_Aim of the exercise_: Where a line in the entries below contains the word "import", count it. Return the total alone.

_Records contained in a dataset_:

··········

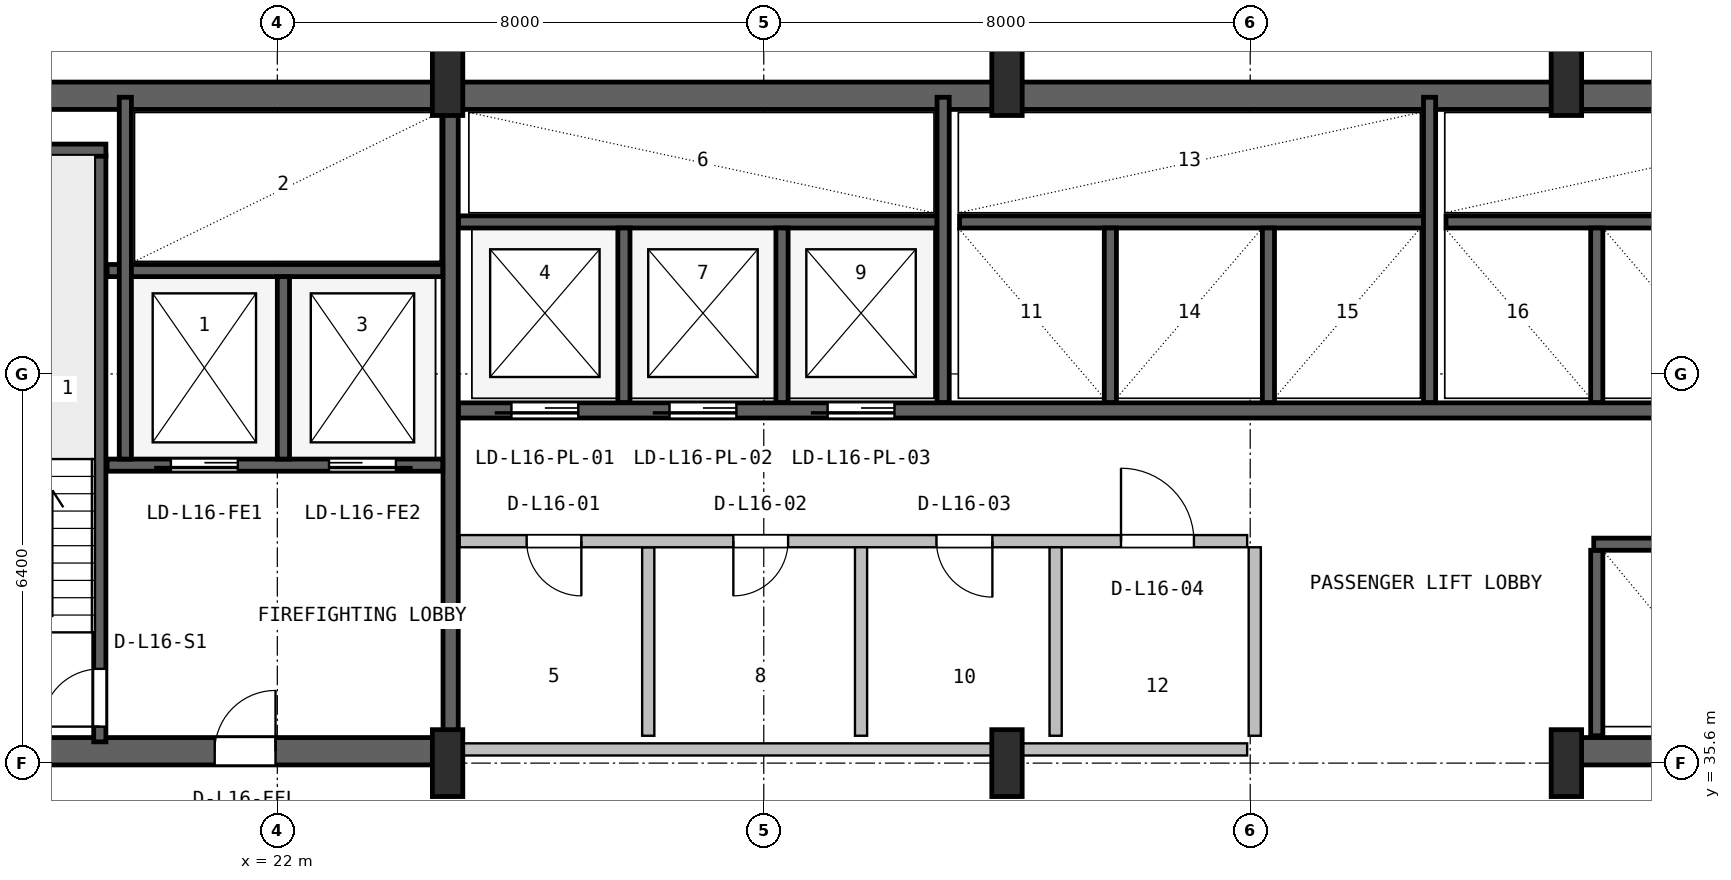
"""IFC4 building model, lengths in metres.
Left out: names, types, materials, properties, quantities, classifications, styles, units other than length and angle.
Written with IfcOpenShell. Run it as: python <this file> out.ifc"""

import sys

from ifc_helpers import new_model, si_unit, direction, frame, frame_2d, origin, origin_2d, place, context, subcontext, project, spatial, rectangle, i_section, extrude, source, transform, mapped, element, fill, save


model = new_model("IFC4")
c1 = context("Model", 3, precision=1e-05, world=origin(), true_north=direction((0.0, 1.0)))
c2 = subcontext(c1, "Body", "Model", "MODEL_VIEW")
j1 = project(units=[si_unit("LENGTHUNIT", "METRE"), si_unit("PLANEANGLEUNIT", "RADIAN")], contexts=[c1])
p1 = place(None, origin())
s1 = spatial("IfcSite", under=j1, at=p1, CompositionType="ELEMENT")
p2 = place(p1, origin())
s2 = spatial("IfcBuilding", under=s1, at=p2, CompositionType="ELEMENT")
p3 = place(p2, frame((0.0, 0.0, 70.5)))
s3 = spatial("IfcBuildingStorey", under=s2, at=p3, CompositionType="ELEMENT", Elevation=70.5)
p4 = place(p3, frame((15.6, 46.575, 0.0), z_axis=(0.0, 0.0, 1.0), x_axis=(1.0, 0.0, 0.0)))
e1 = element("IfcWall", 1, at=p4, inside=s3, PredefinedType="SHEAR", context=c2, shape_type="SweptSolid", body=[
    extrude(rectangle(XDim=36.8, YDim=0.45, at=frame_2d((18.4, 0.0))), origin(), (0.0, 0.0, 1.0), 3.65),
])
p5 = place(p3, frame((15.57, 35.795, 0.0), z_axis=(0.0, 0.0, 1.0), x_axis=(1.0, 0.0, 0.0)))
e2 = element("IfcWall", 2, at=p5, inside=s3, PredefinedType="SHEAR", context=c2, shape_type="SweptSolid", body=[
    extrude(rectangle(XDim=9.23, YDim=0.45, at=frame_2d((4.615, 0.0))), origin(), (0.0, 0.0, 1.0), 3.65),
])
p6 = place(p5, frame((5.4, 0.0, 0.0)))
e3 = element("IfcOpeningElement", 3, at=p6, cuts=e2, PredefinedType="OPENING", context=c2, shape_type="SweptSolid", body=[
    extrude(rectangle(XDim=1.0, YDim=2.1, at=frame_2d((0.5, 1.05))), frame((0.0, 0.235, 0.0), z_axis=(0.0, -1.0, 0.0), x_axis=(1.0, 0.0, 0.0)), (0.0, 0.0, 1.0), 0.47),
])
p7 = place(p3, frame((43.2, 35.795, 0.0), z_axis=(0.0, 0.0, 1.0), x_axis=(1.0, 0.0, 0.0)))
e4 = element("IfcWall", 4, at=p7, inside=s3, PredefinedType="SHEAR", context=c2, shape_type="SweptSolid", body=[
    extrude(rectangle(XDim=9.23, YDim=0.45, at=frame_2d((4.615, 0.0))), origin(), (0.0, 0.0, 1.0), 3.65),
])
p8 = place(p7, frame((6.25, 0.0, 0.0)))
e5 = element("IfcOpeningElement", 5, at=p8, cuts=e4, PredefinedType="OPENING", context=c2, shape_type="SweptSolid", body=[
    extrude(rectangle(XDim=0.95, YDim=2.1, at=frame_2d((0.475, 1.05))), frame((0.0, 0.235, 0.0), z_axis=(0.0, -1.0, 0.0), x_axis=(1.0, 0.0, 0.0)), (0.0, 0.0, 1.0), 0.47),
])
m1 = source(origin(), c2, "Body", "SweptSolid", [
    extrude(i_section(OverallWidth=0.5, OverallDepth=1.1, WebThickness=0.018, FlangeThickness=0.032, FilletRadius=0.018, at=origin_2d()), origin(), (0.0, 0.0, 1.0), 3.9),
])
for number, where, z_axis, x_axis in (
    (6, (24.8, 35.6, 0.0), (0.0, 0.0, 1.0), (1.0, 0.0, 0.0)),
    (7, (24.8, 46.8, 0.0), (0.0, 0.0, 1.0), (1.0, 0.0, 0.0)),
    (8, (34.0, 35.6, 0.0), (0.0, 0.0, 1.0), (1.0, 0.0, 0.0)),
    (9, (34.0, 46.8, 0.0), (0.0, 0.0, 1.0), (1.0, 0.0, 0.0)),
    (10, (43.2, 35.6, 0.0), (0.0, 0.0, 1.0), (1.0, 0.0, 0.0)),
    (11, (43.2, 46.8, 0.0), (0.0, 0.0, 1.0), (1.0, 0.0, 0.0)),
):
    element("IfcColumn", number, at=place(p3, frame(where, z_axis=z_axis, x_axis=x_axis)), inside=s3, PredefinedType="COLUMN", context=c2, shape_type="MappedRepresentation", body=[
        mapped(m1, transform((0.0, 0.0, 0.0), x_axis=(1.0, 0.0, 0.0), y_axis=(0.0, 1.0, 0.0), z_axis=(0.0, 0.0, 1.0), scale=1.0)),
    ])
p9 = place(p3, frame((19.08, 35.95, 0.0), z_axis=(0.0, 0.0, 1.0), x_axis=(0.0, 1.0, 0.0)))
e12 = element("IfcWall", 12, at=p9, inside=s3, PredefinedType="SHEAR", context=c2, shape_type="SweptSolid", body=[
    extrude(rectangle(XDim=9.65, YDim=0.2, at=frame_2d((4.825, 0.0))), origin(), (0.0, 0.0, 1.0), 3.65),
])
p10 = place(p9, frame((0.25, 0.0, 0.0)))
e13 = element("IfcOpeningElement", 13, at=p10, cuts=e12, PredefinedType="OPENING", context=c2, shape_type="SweptSolid", body=[
    extrude(rectangle(XDim=0.95, YDim=2.1, at=frame_2d((0.475, 1.05))), frame((0.0, 0.11, 0.0), z_axis=(0.0, -1.0, 0.0), x_axis=(1.0, 0.0, 0.0)), (0.0, 0.0, 1.0), 0.22),
])
p11 = place(p3, frame((15.95, 45.68, 0.0), z_axis=(0.0, 0.0, 1.0), x_axis=(1.0, 0.0, 0.0)))
e14 = element("IfcWall", 14, at=p11, inside=s3, PredefinedType="SHEAR", context=c2, shape_type="SweptSolid", body=[
    extrude(rectangle(XDim=3.23, YDim=0.2, at=frame_2d((1.615, 0.0))), origin(), (0.0, 0.0, 1.0), 3.65),
])
p12 = place(p3, frame((24.85, 36.05, 0.0), z_axis=(0.0, 0.0, 1.0), x_axis=(0.0, 1.0, 0.0)))
e15 = element("IfcWall", 15, at=p12, inside=s3, PredefinedType="SHEAR", context=c2, shape_type="SweptSolid", body=[
    extrude(rectangle(XDim=10.45, YDim=0.25, at=frame_2d((5.225, 0.0))), origin(), (0.0, 0.0, 1.0), 3.65),
])
p13 = place(p3, frame((19.2, 40.5, 0.0), z_axis=(0.0, 0.0, 1.0), x_axis=(1.0, 0.0, 0.0)))
e16 = element("IfcWall", 16, at=p13, inside=s3, PredefinedType="SHEAR", context=c2, shape_type="SweptSolid", body=[
    extrude(rectangle(XDim=5.52, YDim=0.2, at=frame_2d((2.76, 0.0))), origin(), (0.0, 0.0, 1.0), 3.65),
])
p14 = place(p13, frame((1.05, 0.0, 0.0)))
e17 = element("IfcOpeningElement", 17, at=p14, cuts=e16, PredefinedType="OPENING", context=c2, shape_type="SweptSolid", body=[
    extrude(rectangle(XDim=1.1, YDim=2.18, at=frame_2d((0.55, 1.09))), frame((0.0, 0.11, 0.0), z_axis=(0.0, -1.0, 0.0), x_axis=(1.0, 0.0, 0.0)), (0.0, 0.0, 1.0), 0.22),
])
p15 = place(p13, frame((3.65, 0.0, 0.0)))
e18 = element("IfcOpeningElement", 18, at=p15, cuts=e16, PredefinedType="OPENING", context=c2, shape_type="SweptSolid", body=[
    extrude(rectangle(XDim=1.1, YDim=2.18, at=frame_2d((0.55, 1.09))), frame((0.0, 0.11, 0.0), z_axis=(0.0, -1.0, 0.0), x_axis=(1.0, 0.0, 0.0)), (0.0, 0.0, 1.0), 0.22),
])
p16 = place(p3, frame((19.2, 43.7, 0.0), z_axis=(0.0, 0.0, 1.0), x_axis=(1.0, 0.0, 0.0)))
e19 = element("IfcWall", 19, at=p16, inside=s3, PredefinedType="SHEAR", context=c2, shape_type="SweptSolid", body=[
    extrude(rectangle(XDim=5.52, YDim=0.2, at=frame_2d((2.76, 0.0))), origin(), (0.0, 0.0, 1.0), 3.65),
])
p17 = place(p3, frame((22.1, 40.6, 0.0), z_axis=(0.0, 0.0, 1.0), x_axis=(0.0, 1.0, 0.0)))
e20 = element("IfcWall", 20, at=p17, inside=s3, PredefinedType="SHEAR", context=c2, shape_type="SweptSolid", body=[
    extrude(rectangle(XDim=3.0, YDim=0.2, at=frame_2d((1.5, 0.0))), origin(), (0.0, 0.0, 1.0), 3.65),
])
p18 = place(p3, frame((19.5, 40.6, 0.0), z_axis=(0.0, 0.0, 1.0), x_axis=(0.0, 1.0, 0.0)))
e21 = element("IfcWall", 21, at=p18, inside=s3, PredefinedType="SHEAR", context=c2, shape_type="SweptSolid", body=[
    extrude(rectangle(XDim=5.95, YDim=0.2, at=frame_2d((2.975, 0.0))), origin(), (0.0, 0.0, 1.0), 3.65),
])
p19 = place(p3, frame((24.98, 41.4, 0.0), z_axis=(0.0, 0.0, 1.0), x_axis=(1.0, 0.0, 0.0)))
e22 = element("IfcWall", 22, at=p19, inside=s3, PredefinedType="SHEAR", context=c2, shape_type="SweptSolid", body=[
    extrude(rectangle(XDim=23.82, YDim=0.25, at=frame_2d((11.91, 0.0))), origin(), (0.0, 0.0, 1.0), 3.65),
])
p20 = place(p19, frame((0.87, 0.0, 0.0)))
e23 = element("IfcOpeningElement", 23, at=p20, cuts=e22, PredefinedType="OPENING", context=c2, shape_type="SweptSolid", body=[
    extrude(rectangle(XDim=1.1, YDim=2.18, at=frame_2d((0.55, 1.09))), frame((0.0, 0.135, 0.0), z_axis=(0.0, -1.0, 0.0), x_axis=(1.0, 0.0, 0.0)), (0.0, 0.0, 1.0), 0.27),
])
p21 = place(p19, frame((3.47, 0.0, 0.0)))
e24 = element("IfcOpeningElement", 24, at=p21, cuts=e22, PredefinedType="OPENING", context=c2, shape_type="SweptSolid", body=[
    extrude(rectangle(XDim=1.1, YDim=2.18, at=frame_2d((0.55, 1.09))), frame((0.0, 0.135, 0.0), z_axis=(0.0, -1.0, 0.0), x_axis=(1.0, 0.0, 0.0)), (0.0, 0.0, 1.0), 0.27),
])
p22 = place(p19, frame((6.07, 0.0, 0.0)))
e25 = element("IfcOpeningElement", 25, at=p22, cuts=e22, PredefinedType="OPENING", context=c2, shape_type="SweptSolid", body=[
    extrude(rectangle(XDim=1.1, YDim=2.18, at=frame_2d((0.55, 1.09))), frame((0.0, 0.135, 0.0), z_axis=(0.0, -1.0, 0.0), x_axis=(1.0, 0.0, 0.0)), (0.0, 0.0, 1.0), 0.27),
])
p23 = place(p3, frame((24.98, 44.5, 0.0), z_axis=(0.0, 0.0, 1.0), x_axis=(1.0, 0.0, 0.0)))
e26 = element("IfcWall", 26, at=p23, inside=s3, PredefinedType="SHEAR", context=c2, shape_type="SweptSolid", body=[
    extrude(rectangle(XDim=7.87, YDim=0.2, at=frame_2d((3.935, 0.0))), origin(), (0.0, 0.0, 1.0), 3.65),
])
for number, where, z_axis, x_axis in (
    (27, (27.7, 41.53, 0.0), (0.0, 0.0, 1.0), (0.0, 1.0, 0.0)),
    (28, (30.3, 41.53, 0.0), (0.0, 0.0, 1.0), (0.0, 1.0, 0.0)),
):
    element("IfcWall", number, at=place(p3, frame(where, z_axis=z_axis, x_axis=x_axis)), inside=s3, PredefinedType="SHEAR", context=c2, shape_type="SweptSolid", body=[
        extrude(rectangle(XDim=2.87, YDim=0.2, at=frame_2d((1.435, 0.0))), origin(), (0.0, 0.0, 1.0), 3.65),
    ])
p24 = place(p3, frame((32.95, 41.53, 0.0), z_axis=(0.0, 0.0, 1.0), x_axis=(0.0, 1.0, 0.0)))
e29 = element("IfcWall", 29, at=p24, inside=s3, PredefinedType="SHEAR", context=c2, shape_type="SweptSolid", body=[
    extrude(rectangle(XDim=5.02, YDim=0.2, at=frame_2d((2.51, 0.0))), origin(), (0.0, 0.0, 1.0), 3.65),
])
p25 = place(p3, frame((33.22, 44.5, 0.0), z_axis=(0.0, 0.0, 1.0), x_axis=(1.0, 0.0, 0.0)))
e30 = element("IfcWall", 30, at=p25, inside=s3, PredefinedType="SHEAR", context=c2, shape_type="SweptSolid", body=[
    extrude(rectangle(XDim=7.63, YDim=0.2, at=frame_2d((3.815, 0.0))), origin(), (0.0, 0.0, 1.0), 3.65),
])
for number, where, z_axis, x_axis in (
    (31, (35.7, 41.53, 0.0), (0.0, 0.0, 1.0), (0.0, 1.0, 0.0)),
    (32, (38.3, 41.53, 0.0), (0.0, 0.0, 1.0), (0.0, 1.0, 0.0)),
):
    element("IfcWall", number, at=place(p3, frame(where, z_axis=z_axis, x_axis=x_axis)), inside=s3, PredefinedType="SHEAR", context=c2, shape_type="SweptSolid", body=[
        extrude(rectangle(XDim=2.87, YDim=0.2, at=frame_2d((1.435, 0.0))), origin(), (0.0, 0.0, 1.0), 3.65),
    ])
p26 = place(p3, frame((40.95, 41.53, 0.0), z_axis=(0.0, 0.0, 1.0), x_axis=(0.0, 1.0, 0.0)))
e33 = element("IfcWall", 33, at=p26, inside=s3, PredefinedType="SHEAR", context=c2, shape_type="SweptSolid", body=[
    extrude(rectangle(XDim=5.02, YDim=0.2, at=frame_2d((2.51, 0.0))), origin(), (0.0, 0.0, 1.0), 3.65),
])
p27 = place(p3, frame((41.22, 44.5, 0.0), z_axis=(0.0, 0.0, 1.0), x_axis=(1.0, 0.0, 0.0)))
e34 = element("IfcWall", 34, at=p27, inside=s3, PredefinedType="SHEAR", context=c2, shape_type="SweptSolid", body=[
    extrude(rectangle(XDim=7.58, YDim=0.2, at=frame_2d((3.79, 0.0))), origin(), (0.0, 0.0, 1.0), 3.65),
])
p28 = place(p3, frame((43.7, 41.53, 0.0), z_axis=(0.0, 0.0, 1.0), x_axis=(0.0, 1.0, 0.0)))
e35 = element("IfcWall", 35, at=p28, inside=s3, PredefinedType="SHEAR", context=c2, shape_type="SweptSolid", body=[
    extrude(rectangle(XDim=2.87, YDim=0.2, at=frame_2d((1.435, 0.0))), origin(), (0.0, 0.0, 1.0), 3.65),
])
p29 = place(p3, frame((43.7, 36.05, 0.0), z_axis=(0.0, 0.0, 1.0), x_axis=(0.0, 1.0, 0.0)))
e36 = element("IfcWall", 36, at=p29, inside=s3, PredefinedType="SHEAR", context=c2, shape_type="SweptSolid", body=[
    extrude(rectangle(XDim=3.05, YDim=0.2, at=frame_2d((1.525, 0.0))), origin(), (0.0, 0.0, 1.0), 3.65),
])
p30 = place(p3, frame((43.65, 39.2, 0.0), z_axis=(0.0, 0.0, 1.0), x_axis=(1.0, 0.0, 0.0)))
e37 = element("IfcWall", 37, at=p30, inside=s3, PredefinedType="SHEAR", context=c2, shape_type="SweptSolid", body=[
    extrude(rectangle(XDim=5.15, YDim=0.2, at=frame_2d((2.575, 0.0))), origin(), (0.0, 0.0, 1.0), 3.65),
])
p31 = place(p3, frame((25.0, 35.825, 0.0), z_axis=(0.0, 0.0, 1.0), x_axis=(1.0, 0.0, 0.0)))
e38 = element("IfcWall", 38, at=p31, inside=s3, PredefinedType="SOLIDWALL", context=c2, shape_type="SweptSolid", body=[
    extrude(rectangle(XDim=12.95, YDim=0.2, at=frame_2d((6.475, 0.0))), origin(), (0.0, 0.0, 1.0), 2.425),
])
p32 = place(p3, frame((28.1, 36.05, 0.0), z_axis=(0.0, 0.0, 1.0), x_axis=(0.0, 1.0, 0.0)))
e39 = element("IfcWall", 39, at=p32, inside=s3, PredefinedType="PLUMBINGWALL", context=c2, shape_type="SweptSolid", body=[
    extrude(rectangle(XDim=3.1, YDim=0.2, at=frame_2d((1.55, 0.0))), origin(), (0.0, 0.0, 1.0), 3.63),
])
p33 = place(p3, frame((25.0, 39.25, 0.0), z_axis=(0.0, 0.0, 1.0), x_axis=(1.0, 0.0, 0.0)))
e40 = element("IfcWall", 40, at=p33, inside=s3, PredefinedType="SOLIDWALL", context=c2, shape_type="SweptSolid", body=[
    extrude(rectangle(XDim=12.95, YDim=0.2, at=frame_2d((6.475, 0.0))), origin(), (0.0, 0.0, 1.0), 3.63),
])
p34 = place(p33, frame((1.1, 0.0, 0.0)))
e41 = element("IfcOpeningElement", 41, at=p34, cuts=e40, PredefinedType="OPENING", context=c2, shape_type="SweptSolid", body=[
    extrude(rectangle(XDim=0.9, YDim=2.06, at=frame_2d((0.45, 1.03))), frame((0.0, 0.11, 0.0), z_axis=(0.0, -1.0, 0.0), x_axis=(1.0, 0.0, 0.0)), (0.0, 0.0, 1.0), 0.22),
])
p35 = place(p33, frame((4.5, 0.0, 0.0)))
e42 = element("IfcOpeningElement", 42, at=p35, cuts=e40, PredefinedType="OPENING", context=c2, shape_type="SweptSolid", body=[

··········

_Expected answer_: 2